■ Problem
With the line containing "#78=CARTESIAN_POINT('',(44.889,53.477,56.435));" as the start and the line containing "#84=ORIENTED_EDGE('',*,*,#67,.F.);" as the end, transcribe that span of the entries below exactly, including both.

■ Information
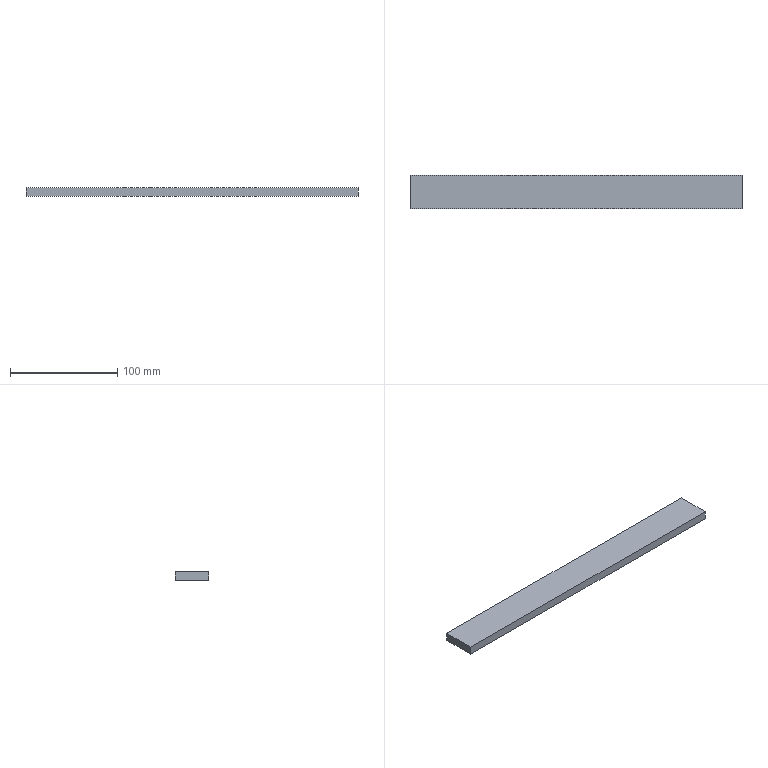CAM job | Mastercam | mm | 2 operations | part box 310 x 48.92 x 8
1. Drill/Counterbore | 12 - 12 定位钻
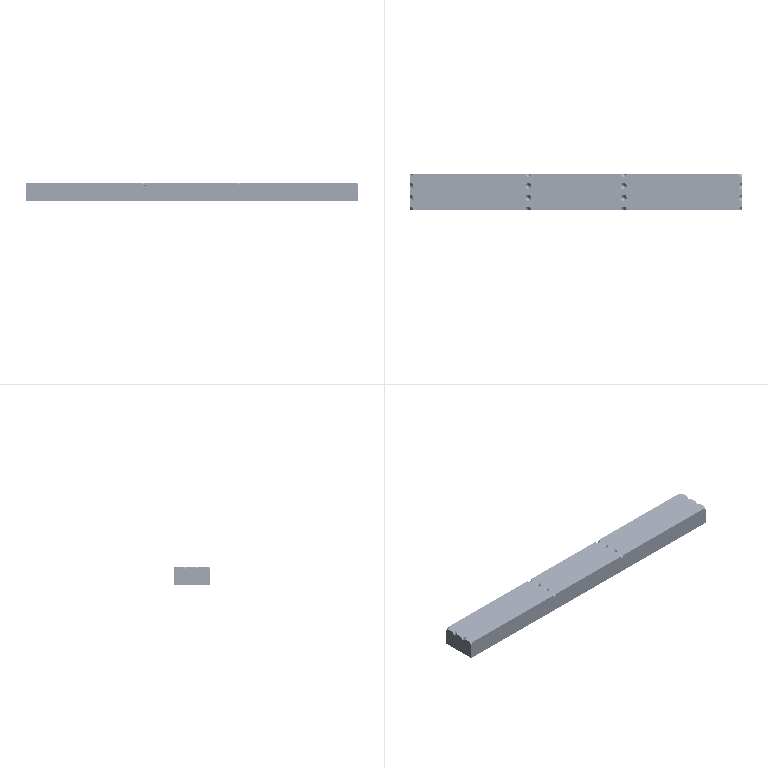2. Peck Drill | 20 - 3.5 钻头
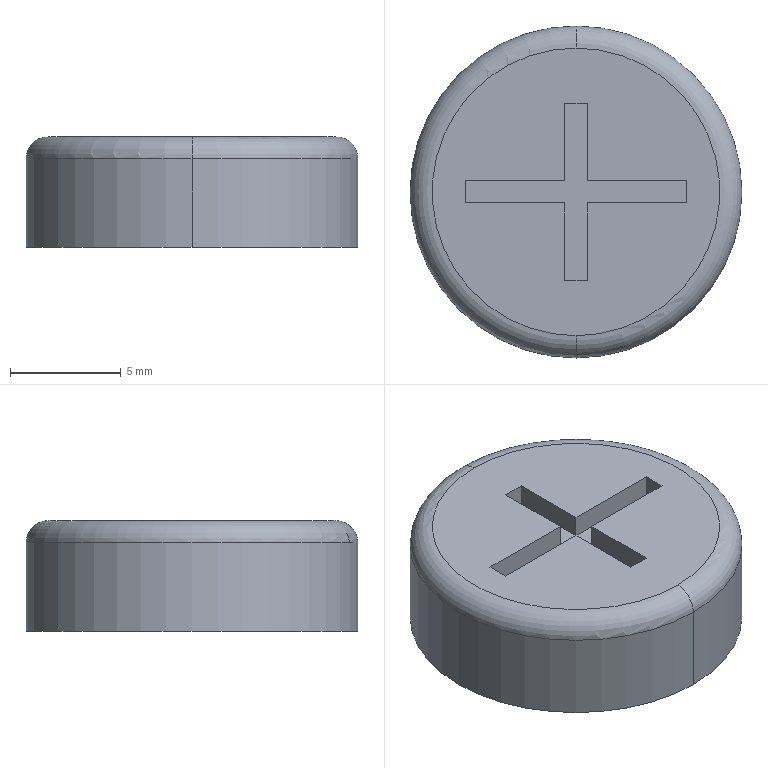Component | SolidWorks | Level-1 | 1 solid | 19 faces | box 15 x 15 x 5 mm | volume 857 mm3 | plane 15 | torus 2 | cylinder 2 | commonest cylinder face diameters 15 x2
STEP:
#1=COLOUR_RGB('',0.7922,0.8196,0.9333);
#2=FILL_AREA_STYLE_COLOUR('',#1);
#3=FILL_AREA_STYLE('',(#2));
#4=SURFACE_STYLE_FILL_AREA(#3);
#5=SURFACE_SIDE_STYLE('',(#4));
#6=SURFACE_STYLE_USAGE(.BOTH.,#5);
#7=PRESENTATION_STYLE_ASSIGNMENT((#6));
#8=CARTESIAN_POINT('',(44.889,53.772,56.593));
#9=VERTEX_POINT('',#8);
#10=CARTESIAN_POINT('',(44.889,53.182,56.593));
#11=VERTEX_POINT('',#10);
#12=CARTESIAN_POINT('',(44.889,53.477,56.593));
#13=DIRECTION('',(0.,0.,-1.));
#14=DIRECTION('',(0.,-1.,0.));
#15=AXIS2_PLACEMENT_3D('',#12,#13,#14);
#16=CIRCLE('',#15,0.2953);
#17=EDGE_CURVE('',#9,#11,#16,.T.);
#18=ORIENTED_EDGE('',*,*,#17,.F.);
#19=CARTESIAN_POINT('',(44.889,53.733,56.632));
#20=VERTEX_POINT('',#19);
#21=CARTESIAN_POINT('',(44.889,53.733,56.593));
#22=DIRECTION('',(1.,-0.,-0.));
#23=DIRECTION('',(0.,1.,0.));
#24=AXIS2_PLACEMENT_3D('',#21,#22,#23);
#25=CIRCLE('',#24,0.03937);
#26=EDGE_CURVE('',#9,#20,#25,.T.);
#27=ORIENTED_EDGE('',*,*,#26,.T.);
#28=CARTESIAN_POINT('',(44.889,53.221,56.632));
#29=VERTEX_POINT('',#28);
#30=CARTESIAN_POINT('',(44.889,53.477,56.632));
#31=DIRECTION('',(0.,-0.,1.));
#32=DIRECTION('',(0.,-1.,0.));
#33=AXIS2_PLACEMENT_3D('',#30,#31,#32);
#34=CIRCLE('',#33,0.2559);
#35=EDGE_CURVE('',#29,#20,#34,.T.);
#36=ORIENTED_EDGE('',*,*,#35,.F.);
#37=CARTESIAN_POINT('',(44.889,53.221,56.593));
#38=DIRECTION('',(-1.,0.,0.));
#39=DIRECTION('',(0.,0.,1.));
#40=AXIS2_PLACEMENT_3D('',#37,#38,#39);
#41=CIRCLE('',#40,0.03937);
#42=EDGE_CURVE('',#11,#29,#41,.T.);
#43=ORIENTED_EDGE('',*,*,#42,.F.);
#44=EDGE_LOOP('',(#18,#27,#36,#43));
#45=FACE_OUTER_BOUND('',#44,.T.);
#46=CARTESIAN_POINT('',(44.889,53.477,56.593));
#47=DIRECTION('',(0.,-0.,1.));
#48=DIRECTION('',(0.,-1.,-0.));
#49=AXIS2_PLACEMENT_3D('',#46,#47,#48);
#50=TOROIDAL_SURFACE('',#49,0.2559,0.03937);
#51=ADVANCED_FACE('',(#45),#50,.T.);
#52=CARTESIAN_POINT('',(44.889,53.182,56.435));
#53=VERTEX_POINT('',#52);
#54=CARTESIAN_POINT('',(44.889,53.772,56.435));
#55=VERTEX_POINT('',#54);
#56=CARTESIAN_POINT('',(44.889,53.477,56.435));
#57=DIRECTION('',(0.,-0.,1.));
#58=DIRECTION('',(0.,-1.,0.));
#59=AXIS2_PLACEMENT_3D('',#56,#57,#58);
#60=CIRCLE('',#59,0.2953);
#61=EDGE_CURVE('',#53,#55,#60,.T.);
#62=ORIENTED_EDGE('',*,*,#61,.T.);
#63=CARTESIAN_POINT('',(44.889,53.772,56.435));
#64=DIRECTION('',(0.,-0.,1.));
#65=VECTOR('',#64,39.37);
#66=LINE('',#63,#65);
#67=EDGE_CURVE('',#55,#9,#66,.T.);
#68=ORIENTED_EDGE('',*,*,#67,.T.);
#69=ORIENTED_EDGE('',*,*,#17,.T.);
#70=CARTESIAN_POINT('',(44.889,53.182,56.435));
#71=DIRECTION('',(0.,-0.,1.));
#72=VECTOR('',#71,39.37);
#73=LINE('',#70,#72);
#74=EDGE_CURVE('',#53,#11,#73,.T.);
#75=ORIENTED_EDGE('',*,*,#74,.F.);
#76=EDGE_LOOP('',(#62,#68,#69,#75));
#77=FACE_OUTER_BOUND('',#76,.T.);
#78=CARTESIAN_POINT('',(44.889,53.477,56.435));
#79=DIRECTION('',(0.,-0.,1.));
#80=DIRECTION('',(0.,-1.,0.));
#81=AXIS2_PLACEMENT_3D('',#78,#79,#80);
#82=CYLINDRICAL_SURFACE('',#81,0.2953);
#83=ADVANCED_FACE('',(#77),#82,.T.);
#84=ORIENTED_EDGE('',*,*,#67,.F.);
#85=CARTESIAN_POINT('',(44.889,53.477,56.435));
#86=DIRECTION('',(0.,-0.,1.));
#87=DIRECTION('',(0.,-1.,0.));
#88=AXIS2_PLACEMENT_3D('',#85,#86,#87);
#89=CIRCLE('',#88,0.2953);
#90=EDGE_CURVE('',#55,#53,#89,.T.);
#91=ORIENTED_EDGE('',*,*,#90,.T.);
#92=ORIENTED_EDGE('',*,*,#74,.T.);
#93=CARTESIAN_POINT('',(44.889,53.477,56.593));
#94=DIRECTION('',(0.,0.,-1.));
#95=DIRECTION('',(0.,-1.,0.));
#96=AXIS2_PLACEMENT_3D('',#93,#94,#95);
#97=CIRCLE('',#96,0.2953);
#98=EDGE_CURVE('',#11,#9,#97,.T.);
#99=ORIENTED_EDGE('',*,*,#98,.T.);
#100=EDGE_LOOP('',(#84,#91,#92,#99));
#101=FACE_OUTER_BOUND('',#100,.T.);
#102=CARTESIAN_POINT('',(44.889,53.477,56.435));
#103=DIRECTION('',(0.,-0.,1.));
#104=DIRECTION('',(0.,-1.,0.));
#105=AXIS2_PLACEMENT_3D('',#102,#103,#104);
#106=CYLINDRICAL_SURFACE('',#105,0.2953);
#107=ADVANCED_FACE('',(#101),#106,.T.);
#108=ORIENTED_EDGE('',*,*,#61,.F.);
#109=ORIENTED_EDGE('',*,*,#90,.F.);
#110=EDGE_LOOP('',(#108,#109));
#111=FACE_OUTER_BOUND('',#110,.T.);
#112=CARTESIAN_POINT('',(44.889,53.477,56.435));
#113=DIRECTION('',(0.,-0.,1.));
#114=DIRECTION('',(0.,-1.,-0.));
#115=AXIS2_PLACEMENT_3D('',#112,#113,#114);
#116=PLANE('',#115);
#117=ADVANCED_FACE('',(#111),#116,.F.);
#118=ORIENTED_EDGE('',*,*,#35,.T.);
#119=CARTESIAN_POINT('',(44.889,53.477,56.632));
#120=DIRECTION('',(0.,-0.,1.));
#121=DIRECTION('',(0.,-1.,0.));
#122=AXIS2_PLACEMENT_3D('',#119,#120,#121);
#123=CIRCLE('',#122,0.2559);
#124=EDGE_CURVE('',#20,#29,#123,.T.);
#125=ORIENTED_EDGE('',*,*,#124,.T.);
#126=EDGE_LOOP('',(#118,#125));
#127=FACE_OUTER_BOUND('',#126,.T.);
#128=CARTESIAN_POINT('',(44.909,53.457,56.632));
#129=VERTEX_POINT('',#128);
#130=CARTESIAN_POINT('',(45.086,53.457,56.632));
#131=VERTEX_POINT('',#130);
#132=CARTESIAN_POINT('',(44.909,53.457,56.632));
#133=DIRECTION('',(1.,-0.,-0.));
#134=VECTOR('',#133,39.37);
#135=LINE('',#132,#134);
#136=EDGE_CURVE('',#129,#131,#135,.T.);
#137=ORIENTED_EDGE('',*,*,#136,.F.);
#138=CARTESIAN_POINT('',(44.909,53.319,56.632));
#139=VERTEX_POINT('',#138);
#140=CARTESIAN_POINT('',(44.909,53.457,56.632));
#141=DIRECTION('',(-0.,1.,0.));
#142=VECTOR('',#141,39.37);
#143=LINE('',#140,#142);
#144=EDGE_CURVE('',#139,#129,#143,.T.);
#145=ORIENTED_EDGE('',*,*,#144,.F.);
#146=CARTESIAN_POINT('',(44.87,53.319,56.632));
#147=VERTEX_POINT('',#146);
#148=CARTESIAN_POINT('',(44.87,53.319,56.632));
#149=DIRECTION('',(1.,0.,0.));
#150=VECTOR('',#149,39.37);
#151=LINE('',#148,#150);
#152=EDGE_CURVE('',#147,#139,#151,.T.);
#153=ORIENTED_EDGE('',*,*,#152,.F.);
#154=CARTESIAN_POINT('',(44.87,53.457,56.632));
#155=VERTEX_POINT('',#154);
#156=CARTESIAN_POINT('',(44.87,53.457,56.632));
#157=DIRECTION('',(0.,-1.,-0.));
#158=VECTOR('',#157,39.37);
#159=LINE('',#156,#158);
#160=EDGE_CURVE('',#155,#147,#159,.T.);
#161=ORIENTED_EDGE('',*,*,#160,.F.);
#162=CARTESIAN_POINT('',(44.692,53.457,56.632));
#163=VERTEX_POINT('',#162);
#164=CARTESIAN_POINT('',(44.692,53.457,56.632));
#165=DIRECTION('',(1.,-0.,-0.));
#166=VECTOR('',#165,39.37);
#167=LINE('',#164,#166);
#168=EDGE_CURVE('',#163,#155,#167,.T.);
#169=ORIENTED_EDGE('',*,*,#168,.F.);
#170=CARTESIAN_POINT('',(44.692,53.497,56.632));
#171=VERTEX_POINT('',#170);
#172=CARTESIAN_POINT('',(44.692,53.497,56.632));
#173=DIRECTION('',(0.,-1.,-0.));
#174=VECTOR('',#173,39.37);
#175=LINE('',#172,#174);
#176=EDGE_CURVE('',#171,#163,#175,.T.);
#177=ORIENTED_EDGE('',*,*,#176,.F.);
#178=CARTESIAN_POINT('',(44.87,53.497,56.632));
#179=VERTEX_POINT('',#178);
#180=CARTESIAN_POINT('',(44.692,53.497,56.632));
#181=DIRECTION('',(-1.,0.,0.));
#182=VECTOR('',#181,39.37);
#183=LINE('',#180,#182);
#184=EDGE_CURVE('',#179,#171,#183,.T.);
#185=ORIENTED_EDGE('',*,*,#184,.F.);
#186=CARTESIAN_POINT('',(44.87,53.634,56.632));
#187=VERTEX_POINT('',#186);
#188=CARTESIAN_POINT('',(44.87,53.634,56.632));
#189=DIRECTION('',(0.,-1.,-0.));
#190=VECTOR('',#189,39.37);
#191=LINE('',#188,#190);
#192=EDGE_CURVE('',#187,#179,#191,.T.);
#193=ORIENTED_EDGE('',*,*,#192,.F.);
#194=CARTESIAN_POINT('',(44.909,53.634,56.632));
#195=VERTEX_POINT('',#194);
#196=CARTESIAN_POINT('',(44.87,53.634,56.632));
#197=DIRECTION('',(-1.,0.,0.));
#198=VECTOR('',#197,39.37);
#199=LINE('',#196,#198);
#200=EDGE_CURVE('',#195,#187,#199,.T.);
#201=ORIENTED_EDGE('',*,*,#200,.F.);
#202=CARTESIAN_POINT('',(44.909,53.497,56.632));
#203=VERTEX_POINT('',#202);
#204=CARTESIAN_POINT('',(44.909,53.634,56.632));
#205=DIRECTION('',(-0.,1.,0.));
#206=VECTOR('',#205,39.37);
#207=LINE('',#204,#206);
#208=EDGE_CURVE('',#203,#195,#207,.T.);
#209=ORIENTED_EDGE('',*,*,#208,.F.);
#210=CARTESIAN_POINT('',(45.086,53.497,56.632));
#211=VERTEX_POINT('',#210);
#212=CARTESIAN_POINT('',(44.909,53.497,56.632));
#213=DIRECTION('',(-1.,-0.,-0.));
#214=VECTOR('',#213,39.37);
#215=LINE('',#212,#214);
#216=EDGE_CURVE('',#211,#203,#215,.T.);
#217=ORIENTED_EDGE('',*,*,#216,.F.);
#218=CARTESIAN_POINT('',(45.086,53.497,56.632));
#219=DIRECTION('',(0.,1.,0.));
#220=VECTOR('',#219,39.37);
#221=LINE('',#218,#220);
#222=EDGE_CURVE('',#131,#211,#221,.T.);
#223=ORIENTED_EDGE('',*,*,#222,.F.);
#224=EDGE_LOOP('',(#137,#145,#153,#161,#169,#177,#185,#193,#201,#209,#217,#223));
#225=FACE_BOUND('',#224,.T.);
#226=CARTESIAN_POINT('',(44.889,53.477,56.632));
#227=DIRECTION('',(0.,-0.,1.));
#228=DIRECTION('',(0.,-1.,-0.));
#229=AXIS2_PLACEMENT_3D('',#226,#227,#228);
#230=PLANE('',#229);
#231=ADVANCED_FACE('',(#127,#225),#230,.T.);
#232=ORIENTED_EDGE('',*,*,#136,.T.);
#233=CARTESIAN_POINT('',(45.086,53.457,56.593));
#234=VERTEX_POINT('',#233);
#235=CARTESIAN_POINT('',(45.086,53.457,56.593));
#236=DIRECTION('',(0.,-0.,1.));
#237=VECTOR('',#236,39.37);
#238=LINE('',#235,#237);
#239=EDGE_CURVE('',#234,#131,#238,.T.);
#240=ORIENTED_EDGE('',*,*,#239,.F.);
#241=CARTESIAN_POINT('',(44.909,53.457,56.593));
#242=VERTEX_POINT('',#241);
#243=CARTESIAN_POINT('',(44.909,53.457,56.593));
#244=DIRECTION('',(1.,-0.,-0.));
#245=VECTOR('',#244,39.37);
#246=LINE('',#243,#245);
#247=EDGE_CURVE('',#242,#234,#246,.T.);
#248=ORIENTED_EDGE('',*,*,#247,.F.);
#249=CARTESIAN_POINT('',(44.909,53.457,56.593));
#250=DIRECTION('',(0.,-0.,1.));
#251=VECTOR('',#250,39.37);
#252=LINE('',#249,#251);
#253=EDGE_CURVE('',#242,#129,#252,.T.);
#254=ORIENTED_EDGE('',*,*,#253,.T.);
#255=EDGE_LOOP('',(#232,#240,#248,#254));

■ The answer
#78=CARTESIAN_POINT('',(44.889,53.477,56.435));
#79=DIRECTION('',(0.,-0.,1.));
#80=DIRECTION('',(0.,-1.,0.));
#81=AXIS2_PLACEMENT_3D('',#78,#79,#80);
#82=CYLINDRICAL_SURFACE('',#81,0.2953);
#83=ADVANCED_FACE('',(#77),#82,.T.);
#84=ORIENTED_EDGE('',*,*,#67,.F.);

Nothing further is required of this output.